*How to complete this task*
Make an exact copy of all the records, one that contains none of the pictures.

Records excerpted from a collection:
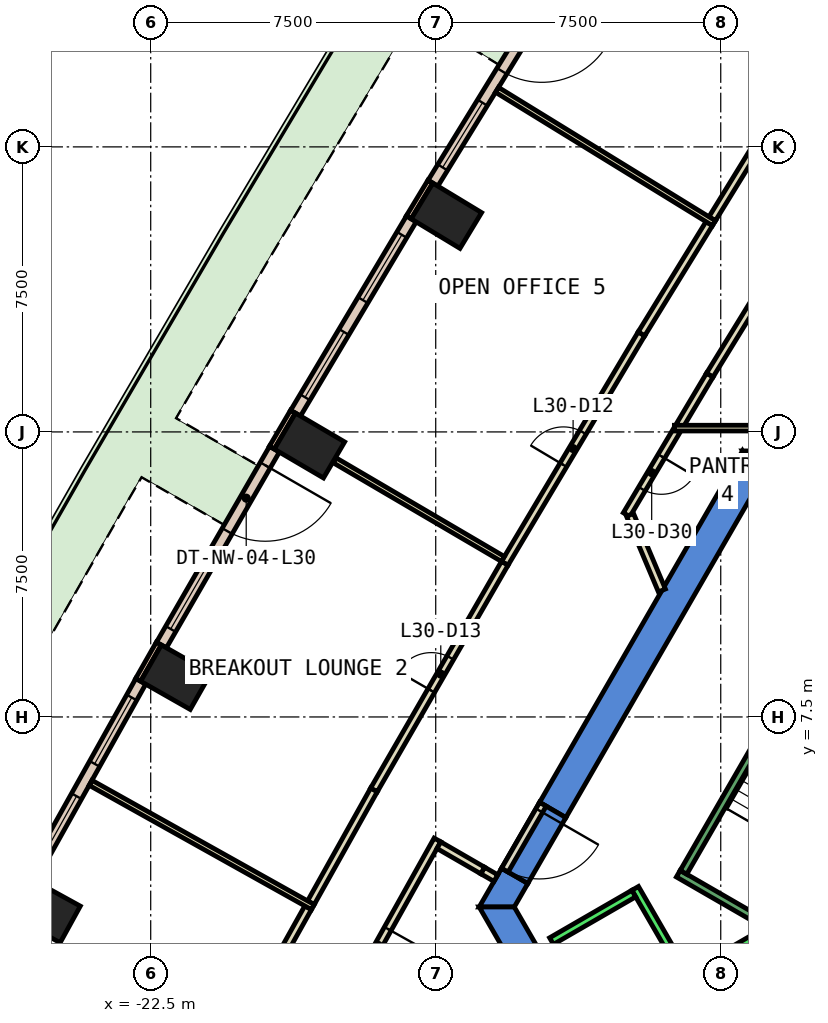
"""IFC4 building model, lengths in metres.
Left out: names, types, materials, properties, quantities, classifications, styles, units other than length and angle.
Written with IfcOpenShell. Run it as: python <this file> out.ifc"""

import sys

from ifc_helpers import new_model, si_unit, direction, frame, frame_2d, origin, origin_2d, place, context, subcontext, project, spatial, polyline, rectangle, outline, extrude, element, fill, save


model = new_model("IFC4")
c1 = context("Model", 3, precision=1e-05, world=origin(), true_north=direction((0.0, 1.0)))
c2 = subcontext(c1, "Body", "Model", "MODEL_VIEW")
j1 = project(units=[si_unit("LENGTHUNIT", "METRE"), si_unit("PLANEANGLEUNIT", "RADIAN")], contexts=[c1])
p1 = place(None, origin())
s1 = spatial("IfcSite", under=j1, at=p1, CompositionType="ELEMENT")
p2 = place(p1, origin())
s2 = spatial("IfcBuilding", under=s1, at=p2, CompositionType="ELEMENT")
p3 = place(p2, frame((0.0, 0.0, 138.2)))
s3 = spatial("IfcBuildingStorey", under=s2, at=p3, CompositionType="ELEMENT", Elevation=138.2)
for number, where, z_axis, x_axis in (
    (1, (-14.719, 20.688, 0.0), (0.0, 0.0, 1.0), (0.518, 0.855, 0.0)),
    (2, (-18.322, 14.642, 0.0), (0.0, 0.0, 1.0), (0.506, 0.863, 0.0)),
    (3, (-21.84, 8.546, 0.0), (0.0, 0.0, 1.0), (0.494, 0.869, 0.0)),
    (4, (-25.275, 2.403, 0.0), (0.0, 0.0, 1.0), (0.482, 0.876, 0.0)),
):
    element("IfcColumn", number, at=place(p3, frame(where, z_axis=z_axis, x_axis=x_axis)), inside=s3, PredefinedType="COLUMN", context=c2, shape_type="SweptSolid", body=[
        extrude(rectangle(XDim=1.1, YDim=1.5, at=origin_2d()), origin(), (0.0, 0.0, 1.0), 3.8),
    ])
p4 = place(p3, frame((0.0, 0.0, -0.6)))
e5 = element("IfcWall", 5, at=p4, inside=s3, PredefinedType="SHEAR", context=c2, shape_type="SweptSolid", body=[
    extrude(outline(polyline([(6.928, 14.5), (-6.928, 14.5), (-6.466, 13.7), (6.466, 13.7), (6.928, 14.5)])), origin(), (0.0, 0.0, 1.0), 4.4),
])
p5 = place(p3, frame((0.0, 0.0, -0.6)))
e6 = element("IfcWall", 6, at=p5, inside=s3, PredefinedType="SHEAR", context=c2, shape_type="SweptSolid", body=[
    extrude(outline(polyline([(-12.267, 5.252), (-11.575, 4.852), (-6.466, 13.7), (-6.928, 14.5), (-12.267, 5.252)])), origin(), (0.0, 0.0, 1.0), 4.4),
])
p6 = place(p3, frame((0.0, 0.0, -0.6)))
e7 = element("IfcWall", 7, at=p6, inside=s3, PredefinedType="SHEAR", context=c2, shape_type="SweptSolid", body=[
    extrude(outline(polyline([(-12.575, 3.12), (-13.267, 3.52), (-13.856, 2.5), (-12.933, 2.5), (-12.575, 3.12)])), origin(), (0.0, 0.0, 1.0), 4.4),
])
p7 = place(p3, frame((0.0, 0.0, 3.6)))
e8 = element("IfcWall", 8, at=p7, inside=s3, PredefinedType="SHEAR", context=c2, shape_type="SweptSolid", body=[
    extrude(outline(polyline([(-13.267, 3.52), (-12.575, 3.12), (-11.575, 4.852), (-12.267, 5.252), (-13.267, 3.52)])), origin(), (0.0, 0.0, 1.0), 0.2),
])
p8 = place(p3, frame((0.0, 0.0, -0.6)))
e9 = element("IfcWall", 9, at=p8, inside=s3, PredefinedType="SHEAR", context=c2, shape_type="SweptSolid", body=[
    extrude(outline(polyline([(-13.856, 2.5), (-6.928, -9.5), (-6.466, -8.7), (-12.933, 2.5), (-13.856, 2.5)])), origin(), (0.0, 0.0, 1.0), 4.4),
])
p9 = place(p3, frame((-15.14, 21.586, 0.0), z_axis=(0.0, 0.0, 1.0), x_axis=(-0.518178754102, -0.855272341888, 0.0)))
e10 = element("IfcWall", 10, at=p9, inside=s3, PredefinedType="STANDARD", context=c2, shape_type="SweptSolid", body=[
    extrude(rectangle(XDim=1.1, YDim=0.15, at=frame_2d((0.55, 0.0))), origin(), (0.0, 0.0, 1.0), 3.8),
])
p10 = place(p3, frame((-18.755, 15.533, 0.0), z_axis=(0.0, 0.0, 1.0), x_axis=(-0.50667077411, -0.862139621327, 0.0)))
e11 = element("IfcWall", 11, at=p10, inside=s3, PredefinedType="STANDARD", context=c2, shape_type="SweptSolid", body=[
    extrude(rectangle(XDim=1.1, YDim=0.15, at=frame_2d((0.55, 0.0))), origin(), (0.0, 0.0, 1.0), 3.8),
])
p11 = place(p3, frame((-22.286, 9.432, 0.0), z_axis=(0.0, 0.0, 1.0), x_axis=(-0.494775760346, -0.869020682708, 0.0)))
e12 = element("IfcWall", 12, at=p11, inside=s3, PredefinedType="STANDARD", context=c2, shape_type="SweptSolid", body=[
    extrude(rectangle(XDim=1.1, YDim=0.15, at=frame_2d((0.55, 0.0))), origin(), (0.0, 0.0, 1.0), 3.8),
])
p12 = place(p3, frame((-11.956, 26.614, 0.0), z_axis=(0.0, 0.0, 1.0), x_axis=(-0.523719731127, -0.851890628677, 0.0)))
e13 = element("IfcWall", 13, at=p12, inside=s3, PredefinedType="STANDARD", context=c2, shape_type="SweptSolid", body=[
    extrude(rectangle(XDim=5.952, YDim=0.3, at=frame_2d((2.976, 0.0))), origin(), (0.0, 0.0, 1.0), 3.8),
])
p13 = place(p12, frame((0.488, 0.0, 0.0)))
e14 = element("IfcOpeningElement", 14, at=p13, cuts=e13, PredefinedType="OPENING", context=c2, shape_type="SweptSolid", body=[
    extrude(rectangle(XDim=2.0, YDim=2.4, at=frame_2d((1.0, 1.2))), frame((0.0, 0.16, 0.0), z_axis=(0.0, -1.0, 0.0), x_axis=(1.0, 0.0, 0.0)), (0.0, 0.0, 1.0), 0.32),
])
p14 = place(p12, frame((3.464, 0.0, 0.9)))
e15 = element("IfcOpeningElement", 15, at=p14, cuts=e13, PredefinedType="OPENING", context=c2, shape_type="SweptSolid", body=[
    extrude(rectangle(XDim=2.0, YDim=2.6, at=frame_2d((1.0, 1.3))), frame((0.0, 0.16, 0.0), z_axis=(0.0, -1.0, 0.0), x_axis=(1.0, 0.0, 0.0)), (0.0, 0.0, 1.0), 0.32),
])
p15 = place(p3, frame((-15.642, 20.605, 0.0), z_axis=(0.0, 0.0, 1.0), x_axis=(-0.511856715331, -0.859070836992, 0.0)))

*The completed task*
"""IFC4 building model, lengths in metres.
Left out: names, types, materials, properties, quantities, classifications, styles, units other than length and angle.
Written with IfcOpenShell. Run it as: python <this file> out.ifc"""

import sys

from ifc_helpers import new_model, si_unit, direction, frame, frame_2d, origin, origin_2d, place, context, subcontext, project, spatial, polyline, rectangle, outline, extrude, element, fill, save


model = new_model("IFC4")
c1 = context("Model", 3, precision=1e-05, world=origin(), true_north=direction((0.0, 1.0)))
c2 = subcontext(c1, "Body", "Model", "MODEL_VIEW")
j1 = project(units=[si_unit("LENGTHUNIT", "METRE"), si_unit("PLANEANGLEUNIT", "RADIAN")], contexts=[c1])
p1 = place(None, origin())
s1 = spatial("IfcSite", under=j1, at=p1, CompositionType="ELEMENT")
p2 = place(p1, origin())
s2 = spatial("IfcBuilding", under=s1, at=p2, CompositionType="ELEMENT")
p3 = place(p2, frame((0.0, 0.0, 138.2)))
s3 = spatial("IfcBuildingStorey", under=s2, at=p3, CompositionType="ELEMENT", Elevation=138.2)
for number, where, z_axis, x_axis in (
    (1, (-14.719, 20.688, 0.0), (0.0, 0.0, 1.0), (0.518, 0.855, 0.0)),
    (2, (-18.322, 14.642, 0.0), (0.0, 0.0, 1.0), (0.506, 0.863, 0.0)),
    (3, (-21.84, 8.546, 0.0), (0.0, 0.0, 1.0), (0.494, 0.869, 0.0)),
    (4, (-25.275, 2.403, 0.0), (0.0, 0.0, 1.0), (0.482, 0.876, 0.0)),
):
    element("IfcColumn", number, at=place(p3, frame(where, z_axis=z_axis, x_axis=x_axis)), inside=s3, PredefinedType="COLUMN", context=c2, shape_type="SweptSolid", body=[
        extrude(rectangle(XDim=1.1, YDim=1.5, at=origin_2d()), origin(), (0.0, 0.0, 1.0), 3.8),
    ])
p4 = place(p3, frame((0.0, 0.0, -0.6)))
e5 = element("IfcWall", 5, at=p4, inside=s3, PredefinedType="SHEAR", context=c2, shape_type="SweptSolid", body=[
    extrude(outline(polyline([(6.928, 14.5), (-6.928, 14.5), (-6.466, 13.7), (6.466, 13.7), (6.928, 14.5)])), origin(), (0.0, 0.0, 1.0), 4.4),
])
p5 = place(p3, frame((0.0, 0.0, -0.6)))
e6 = element("IfcWall", 6, at=p5, inside=s3, PredefinedType="SHEAR", context=c2, shape_type="SweptSolid", body=[
    extrude(outline(polyline([(-12.267, 5.252), (-11.575, 4.852), (-6.466, 13.7), (-6.928, 14.5), (-12.267, 5.252)])), origin(), (0.0, 0.0, 1.0), 4.4),
])
p6 = place(p3, frame((0.0, 0.0, -0.6)))
e7 = element("IfcWall", 7, at=p6, inside=s3, PredefinedType="SHEAR", context=c2, shape_type="SweptSolid", body=[
    extrude(outline(polyline([(-12.575, 3.12), (-13.267, 3.52), (-13.856, 2.5), (-12.933, 2.5), (-12.575, 3.12)])), origin(), (0.0, 0.0, 1.0), 4.4),
])
p7 = place(p3, frame((0.0, 0.0, 3.6)))
e8 = element("IfcWall", 8, at=p7, inside=s3, PredefinedType="SHEAR", context=c2, shape_type="SweptSolid", body=[
    extrude(outline(polyline([(-13.267, 3.52), (-12.575, 3.12), (-11.575, 4.852), (-12.267, 5.252), (-13.267, 3.52)])), origin(), (0.0, 0.0, 1.0), 0.2),
])
p8 = place(p3, frame((0.0, 0.0, -0.6)))
e9 = element("IfcWall", 9, at=p8, inside=s3, PredefinedType="SHEAR", context=c2, shape_type="SweptSolid", body=[
    extrude(outline(polyline([(-13.856, 2.5), (-6.928, -9.5), (-6.466, -8.7), (-12.933, 2.5), (-13.856, 2.5)])), origin(), (0.0, 0.0, 1.0), 4.4),
])
p9 = place(p3, frame((-15.14, 21.586, 0.0), z_axis=(0.0, 0.0, 1.0), x_axis=(-0.518178754102, -0.855272341888, 0.0)))
e10 = element("IfcWall", 10, at=p9, inside=s3, PredefinedType="STANDARD", context=c2, shape_type="SweptSolid", body=[
    extrude(rectangle(XDim=1.1, YDim=0.15, at=frame_2d((0.55, 0.0))), origin(), (0.0, 0.0, 1.0), 3.8),
])
p10 = place(p3, frame((-18.755, 15.533, 0.0), z_axis=(0.0, 0.0, 1.0), x_axis=(-0.50667077411, -0.862139621327, 0.0)))
e11 = element("IfcWall", 11, at=p10, inside=s3, PredefinedType="STANDARD", context=c2, shape_type="SweptSolid", body=[
    extrude(rectangle(XDim=1.1, YDim=0.15, at=frame_2d((0.55, 0.0))), origin(), (0.0, 0.0, 1.0), 3.8),
])
p11 = place(p3, frame((-22.286, 9.432, 0.0), z_axis=(0.0, 0.0, 1.0), x_axis=(-0.494775760346, -0.869020682708, 0.0)))
e12 = element("IfcWall", 12, at=p11, inside=s3, PredefinedType="STANDARD", context=c2, shape_type="SweptSolid", body=[
    extrude(rectangle(XDim=1.1, YDim=0.15, at=frame_2d((0.55, 0.0))), origin(), (0.0, 0.0, 1.0), 3.8),
])
p12 = place(p3, frame((-11.956, 26.614, 0.0), z_axis=(0.0, 0.0, 1.0), x_axis=(-0.523719731127, -0.851890628677, 0.0)))
e13 = element("IfcWall", 13, at=p12, inside=s3, PredefinedType="STANDARD", context=c2, shape_type="SweptSolid", body=[
    extrude(rectangle(XDim=5.952, YDim=0.3, at=frame_2d((2.976, 0.0))), origin(), (0.0, 0.0, 1.0), 3.8),
])
p13 = place(p12, frame((0.488, 0.0, 0.0)))
e14 = element("IfcOpeningElement", 14, at=p13, cuts=e13, PredefinedType="OPENING", context=c2, shape_type="SweptSolid", body=[
    extrude(rectangle(XDim=2.0, YDim=2.4, at=frame_2d((1.0, 1.2))), frame((0.0, 0.16, 0.0), z_axis=(0.0, -1.0, 0.0), x_axis=(1.0, 0.0, 0.0)), (0.0, 0.0, 1.0), 0.32),
])
p14 = place(p12, frame((3.464, 0.0, 0.9)))
e15 = element("IfcOpeningElement", 15, at=p14, cuts=e13, PredefinedType="OPENING", context=c2, shape_type="SweptSolid", body=[
    extrude(rectangle(XDim=2.0, YDim=2.6, at=frame_2d((1.0, 1.3))), frame((0.0, 0.16, 0.0), z_axis=(0.0, -1.0, 0.0), x_axis=(1.0, 0.0, 0.0)), (0.0, 0.0, 1.0), 0.32),
])
p15 = place(p3, frame((-15.642, 20.605, 0.0), z_axis=(0.0, 0.0, 1.0), x_axis=(-0.511856715331, -0.859070836992, 0.0)))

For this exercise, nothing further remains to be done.